◆ EXTRACTED INFORMATION ◆
⟨

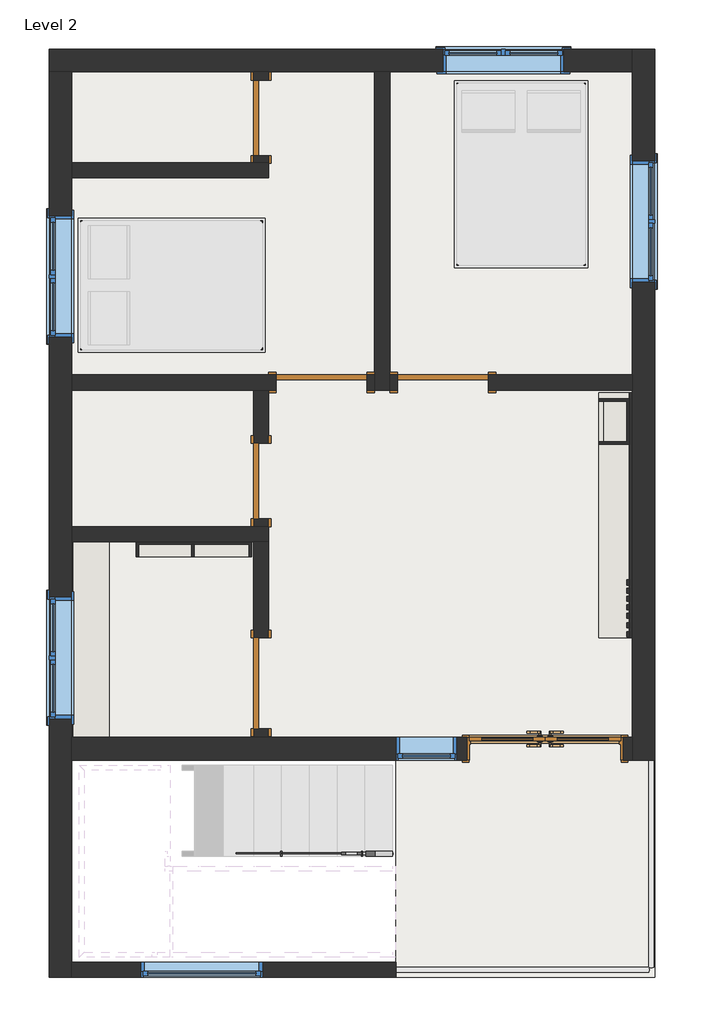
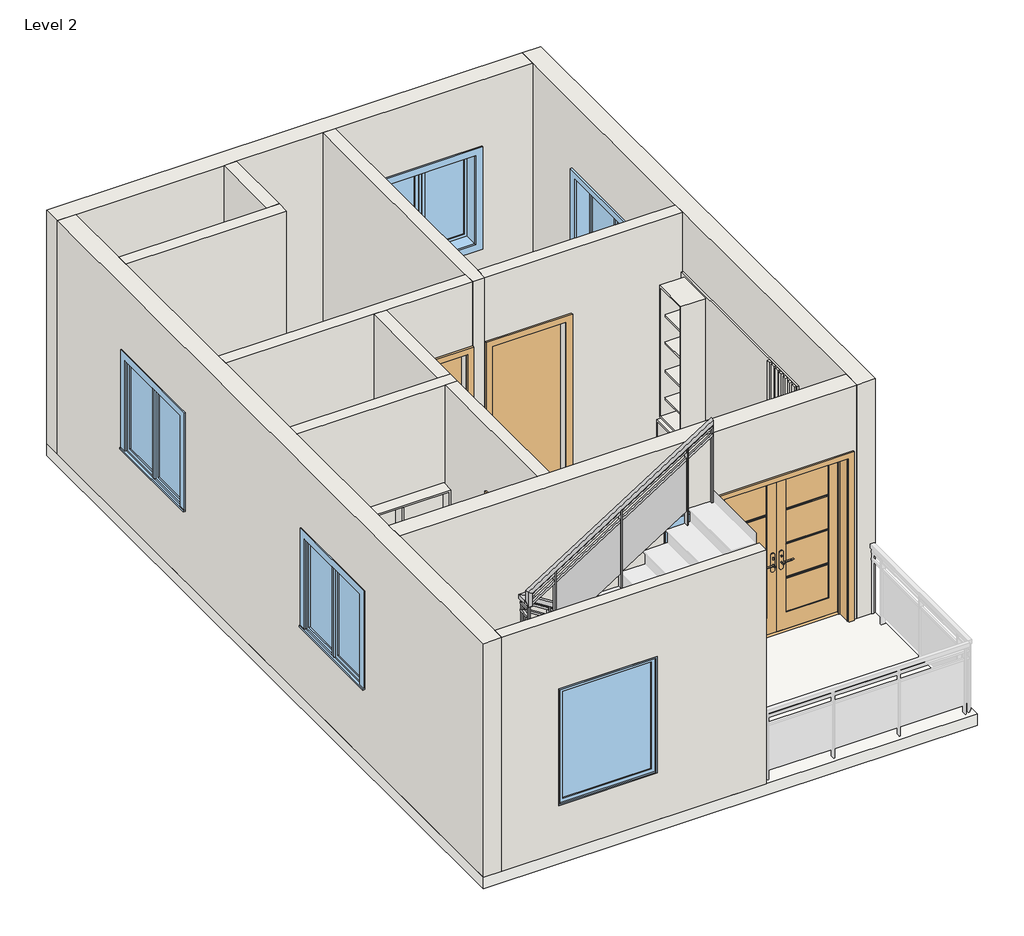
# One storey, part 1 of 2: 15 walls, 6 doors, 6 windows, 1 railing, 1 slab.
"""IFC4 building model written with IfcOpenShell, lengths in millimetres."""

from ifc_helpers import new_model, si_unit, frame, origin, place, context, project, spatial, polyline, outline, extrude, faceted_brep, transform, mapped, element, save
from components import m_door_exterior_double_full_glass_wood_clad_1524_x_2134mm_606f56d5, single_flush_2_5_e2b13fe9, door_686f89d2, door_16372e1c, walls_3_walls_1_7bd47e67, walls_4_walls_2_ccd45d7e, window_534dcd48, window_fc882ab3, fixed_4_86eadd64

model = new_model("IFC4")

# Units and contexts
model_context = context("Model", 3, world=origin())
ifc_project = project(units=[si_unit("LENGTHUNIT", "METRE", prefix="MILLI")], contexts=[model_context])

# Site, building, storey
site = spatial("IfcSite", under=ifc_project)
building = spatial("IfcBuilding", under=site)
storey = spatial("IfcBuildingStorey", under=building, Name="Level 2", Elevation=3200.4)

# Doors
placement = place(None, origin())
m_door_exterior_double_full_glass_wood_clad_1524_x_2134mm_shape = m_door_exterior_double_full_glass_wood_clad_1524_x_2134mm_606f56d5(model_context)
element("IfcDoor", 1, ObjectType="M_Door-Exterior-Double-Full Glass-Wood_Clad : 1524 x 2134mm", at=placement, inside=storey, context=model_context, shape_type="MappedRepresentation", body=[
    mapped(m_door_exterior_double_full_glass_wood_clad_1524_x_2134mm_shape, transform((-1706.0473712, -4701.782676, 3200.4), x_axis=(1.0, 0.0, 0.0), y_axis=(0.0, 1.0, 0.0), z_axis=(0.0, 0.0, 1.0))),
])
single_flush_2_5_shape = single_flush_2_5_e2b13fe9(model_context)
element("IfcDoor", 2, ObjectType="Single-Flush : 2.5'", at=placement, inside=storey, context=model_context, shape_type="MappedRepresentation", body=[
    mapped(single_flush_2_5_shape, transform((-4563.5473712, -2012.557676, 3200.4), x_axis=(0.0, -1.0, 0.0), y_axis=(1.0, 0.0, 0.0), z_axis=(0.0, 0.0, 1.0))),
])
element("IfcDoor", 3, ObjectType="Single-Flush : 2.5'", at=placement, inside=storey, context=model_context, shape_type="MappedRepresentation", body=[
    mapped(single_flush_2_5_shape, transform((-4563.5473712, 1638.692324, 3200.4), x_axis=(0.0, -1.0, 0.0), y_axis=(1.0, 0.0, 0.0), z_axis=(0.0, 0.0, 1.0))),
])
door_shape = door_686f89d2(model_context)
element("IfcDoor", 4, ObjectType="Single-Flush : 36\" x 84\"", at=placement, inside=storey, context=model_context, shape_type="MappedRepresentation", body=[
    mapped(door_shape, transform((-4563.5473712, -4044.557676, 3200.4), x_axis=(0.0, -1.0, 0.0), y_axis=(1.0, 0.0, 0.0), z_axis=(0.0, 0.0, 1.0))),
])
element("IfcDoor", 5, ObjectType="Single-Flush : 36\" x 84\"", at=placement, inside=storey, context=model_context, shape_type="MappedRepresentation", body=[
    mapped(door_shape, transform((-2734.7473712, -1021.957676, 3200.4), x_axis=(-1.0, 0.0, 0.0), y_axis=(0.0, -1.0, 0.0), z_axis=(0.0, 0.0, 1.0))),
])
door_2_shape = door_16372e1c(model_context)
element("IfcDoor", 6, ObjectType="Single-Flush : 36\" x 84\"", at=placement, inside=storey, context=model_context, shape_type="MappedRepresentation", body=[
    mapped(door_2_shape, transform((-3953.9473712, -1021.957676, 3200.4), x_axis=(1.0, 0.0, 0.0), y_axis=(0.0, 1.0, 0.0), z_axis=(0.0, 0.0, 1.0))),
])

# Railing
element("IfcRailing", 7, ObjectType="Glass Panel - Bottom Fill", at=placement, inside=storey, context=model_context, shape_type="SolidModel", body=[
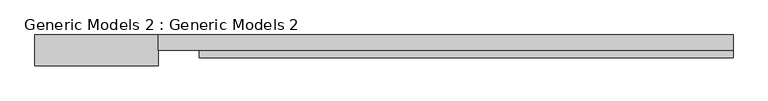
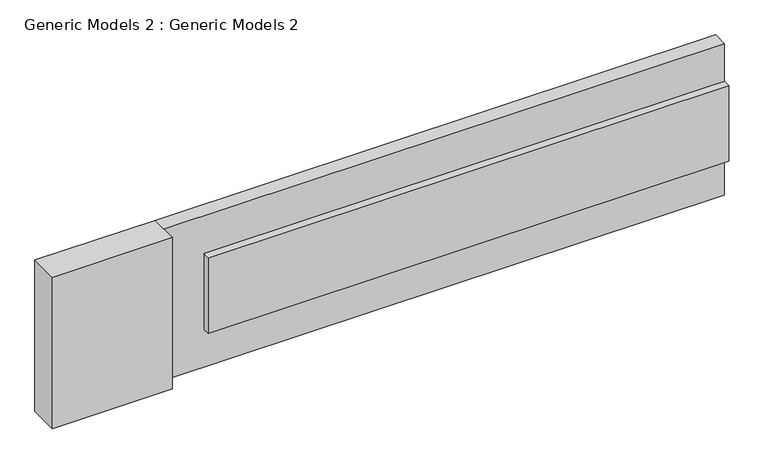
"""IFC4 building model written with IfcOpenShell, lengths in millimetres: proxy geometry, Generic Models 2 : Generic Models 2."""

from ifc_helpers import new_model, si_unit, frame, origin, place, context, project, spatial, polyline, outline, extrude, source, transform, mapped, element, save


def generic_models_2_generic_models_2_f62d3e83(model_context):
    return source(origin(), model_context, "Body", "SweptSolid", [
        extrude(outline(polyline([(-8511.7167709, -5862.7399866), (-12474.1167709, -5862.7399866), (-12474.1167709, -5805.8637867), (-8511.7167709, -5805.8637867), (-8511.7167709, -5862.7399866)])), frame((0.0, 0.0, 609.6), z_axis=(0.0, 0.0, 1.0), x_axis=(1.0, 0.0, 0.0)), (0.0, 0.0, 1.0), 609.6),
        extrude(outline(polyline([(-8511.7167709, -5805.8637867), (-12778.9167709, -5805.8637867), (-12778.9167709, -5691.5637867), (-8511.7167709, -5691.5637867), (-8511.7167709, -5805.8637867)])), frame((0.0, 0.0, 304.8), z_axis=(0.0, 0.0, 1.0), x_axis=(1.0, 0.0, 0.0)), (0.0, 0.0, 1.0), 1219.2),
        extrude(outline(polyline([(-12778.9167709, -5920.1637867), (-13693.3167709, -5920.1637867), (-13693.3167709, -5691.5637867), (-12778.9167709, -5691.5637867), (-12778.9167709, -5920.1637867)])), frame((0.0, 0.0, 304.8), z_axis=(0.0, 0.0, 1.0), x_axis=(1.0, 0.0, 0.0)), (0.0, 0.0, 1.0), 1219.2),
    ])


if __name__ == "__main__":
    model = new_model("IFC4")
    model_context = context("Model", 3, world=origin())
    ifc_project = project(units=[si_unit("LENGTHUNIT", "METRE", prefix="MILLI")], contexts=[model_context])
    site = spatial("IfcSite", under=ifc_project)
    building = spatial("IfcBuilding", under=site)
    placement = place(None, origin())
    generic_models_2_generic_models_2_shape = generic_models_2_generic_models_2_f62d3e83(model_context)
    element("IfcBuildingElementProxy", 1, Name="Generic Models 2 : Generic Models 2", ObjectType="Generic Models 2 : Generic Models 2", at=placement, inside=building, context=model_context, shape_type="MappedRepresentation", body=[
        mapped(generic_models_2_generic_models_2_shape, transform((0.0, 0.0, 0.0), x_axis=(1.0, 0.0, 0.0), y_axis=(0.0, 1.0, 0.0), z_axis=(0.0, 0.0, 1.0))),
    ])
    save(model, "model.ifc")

⟩

◆ YOUR INSTRUCTIONS ◆
Exactly as written, return every line of the listing, but not the pictures.

◆ ANSWER FOR THIS EXERCISE ◆
# One storey, part 1 of 2: 15 walls, 6 doors, 6 windows, 1 railing, 1 slab.
"""IFC4 building model written with IfcOpenShell, lengths in millimetres."""

from ifc_helpers import new_model, si_unit, frame, origin, place, context, project, spatial, polyline, outline, extrude, faceted_brep, transform, mapped, element, save
from components import m_door_exterior_double_full_glass_wood_clad_1524_x_2134mm_606f56d5, single_flush_2_5_e2b13fe9, door_686f89d2, door_16372e1c, walls_3_walls_1_7bd47e67, walls_4_walls_2_ccd45d7e, window_534dcd48, window_fc882ab3, fixed_4_86eadd64

model = new_model("IFC4")

# Units and contexts
model_context = context("Model", 3, world=origin())
ifc_project = project(units=[si_unit("LENGTHUNIT", "METRE", prefix="MILLI")], contexts=[model_context])

# Site, building, storey
site = spatial("IfcSite", under=ifc_project)
building = spatial("IfcBuilding", under=site)
storey = spatial("IfcBuildingStorey", under=building, Name="Level 2", Elevation=3200.4)

# Doors
placement = place(None, origin())
m_door_exterior_double_full_glass_wood_clad_1524_x_2134mm_shape = m_door_exterior_double_full_glass_wood_clad_1524_x_2134mm_606f56d5(model_context)
element("IfcDoor", 1, ObjectType="M_Door-Exterior-Double-Full Glass-Wood_Clad : 1524 x 2134mm", at=placement, inside=storey, context=model_context, shape_type="MappedRepresentation", body=[
    mapped(m_door_exterior_double_full_glass_wood_clad_1524_x_2134mm_shape, transform((-1706.0473712, -4701.782676, 3200.4), x_axis=(1.0, 0.0, 0.0), y_axis=(0.0, 1.0, 0.0), z_axis=(0.0, 0.0, 1.0))),
])
single_flush_2_5_shape = single_flush_2_5_e2b13fe9(model_context)
element("IfcDoor", 2, ObjectType="Single-Flush : 2.5'", at=placement, inside=storey, context=model_context, shape_type="MappedRepresentation", body=[
    mapped(single_flush_2_5_shape, transform((-4563.5473712, -2012.557676, 3200.4), x_axis=(0.0, -1.0, 0.0), y_axis=(1.0, 0.0, 0.0), z_axis=(0.0, 0.0, 1.0))),
])
element("IfcDoor", 3, ObjectType="Single-Flush : 2.5'", at=placement, inside=storey, context=model_context, shape_type="MappedRepresentation", body=[
    mapped(single_flush_2_5_shape, transform((-4563.5473712, 1638.692324, 3200.4), x_axis=(0.0, -1.0, 0.0), y_axis=(1.0, 0.0, 0.0), z_axis=(0.0, 0.0, 1.0))),
])
door_shape = door_686f89d2(model_context)
element("IfcDoor", 4, ObjectType="Single-Flush : 36\" x 84\"", at=placement, inside=storey, context=model_context, shape_type="MappedRepresentation", body=[
    mapped(door_shape, transform((-4563.5473712, -4044.557676, 3200.4), x_axis=(0.0, -1.0, 0.0), y_axis=(1.0, 0.0, 0.0), z_axis=(0.0, 0.0, 1.0))),
])
element("IfcDoor", 5, ObjectType="Single-Flush : 36\" x 84\"", at=placement, inside=storey, context=model_context, shape_type="MappedRepresentation", body=[
    mapped(door_shape, transform((-2734.7473712, -1021.957676, 3200.4), x_axis=(-1.0, 0.0, 0.0), y_axis=(0.0, -1.0, 0.0), z_axis=(0.0, 0.0, 1.0))),
])
door_2_shape = door_16372e1c(model_context)
element("IfcDoor", 6, ObjectType="Single-Flush : 36\" x 84\"", at=placement, inside=storey, context=model_context, shape_type="MappedRepresentation", body=[
    mapped(door_2_shape, transform((-3953.9473712, -1021.957676, 3200.4), x_axis=(1.0, 0.0, 0.0), y_axis=(0.0, 1.0, 0.0), z_axis=(0.0, 0.0, 1.0))),
])

# Railing
element("IfcRailing", 7, ObjectType="Glass Panel - Bottom Fill", at=placement, inside=storey, context=model_context, shape_type="SolidModel", body=[
"""IFC4 building model written with IfcOpenShell, lengths in millimetres: proxy geometry, Generic Models 2 : Generic Models 2."""

from ifc_helpers import new_model, si_unit, frame, origin, place, context, project, spatial, polyline, outline, extrude, source, transform, mapped, element, save


def generic_models_2_generic_models_2_f62d3e83(model_context):
    return source(origin(), model_context, "Body", "SweptSolid", [
        extrude(outline(polyline([(-8511.7167709, -5862.7399866), (-12474.1167709, -5862.7399866), (-12474.1167709, -5805.8637867), (-8511.7167709, -5805.8637867), (-8511.7167709, -5862.7399866)])), frame((0.0, 0.0, 609.6), z_axis=(0.0, 0.0, 1.0), x_axis=(1.0, 0.0, 0.0)), (0.0, 0.0, 1.0), 609.6),
        extrude(outline(polyline([(-8511.7167709, -5805.8637867), (-12778.9167709, -5805.8637867), (-12778.9167709, -5691.5637867), (-8511.7167709, -5691.5637867), (-8511.7167709, -5805.8637867)])), frame((0.0, 0.0, 304.8), z_axis=(0.0, 0.0, 1.0), x_axis=(1.0, 0.0, 0.0)), (0.0, 0.0, 1.0), 1219.2),
        extrude(outline(polyline([(-12778.9167709, -5920.1637867), (-13693.3167709, -5920.1637867), (-13693.3167709, -5691.5637867), (-12778.9167709, -5691.5637867), (-12778.9167709, -5920.1637867)])), frame((0.0, 0.0, 304.8), z_axis=(0.0, 0.0, 1.0), x_axis=(1.0, 0.0, 0.0)), (0.0, 0.0, 1.0), 1219.2),
    ])


if __name__ == "__main__":
    model = new_model("IFC4")
    model_context = context("Model", 3, world=origin())
    ifc_project = project(units=[si_unit("LENGTHUNIT", "METRE", prefix="MILLI")], contexts=[model_context])
    site = spatial("IfcSite", under=ifc_project)
    building = spatial("IfcBuilding", under=site)
    placement = place(None, origin())
    generic_models_2_generic_models_2_shape = generic_models_2_generic_models_2_f62d3e83(model_context)
    element("IfcBuildingElementProxy", 1, Name="Generic Models 2 : Generic Models 2", ObjectType="Generic Models 2 : Generic Models 2", at=placement, inside=building, context=model_context, shape_type="MappedRepresentation", body=[
        mapped(generic_models_2_generic_models_2_shape, transform((0.0, 0.0, 0.0), x_axis=(1.0, 0.0, 0.0), y_axis=(0.0, 1.0, 0.0), z_axis=(0.0, 0.0, 1.0))),
    ])
    save(model, "model.ifc")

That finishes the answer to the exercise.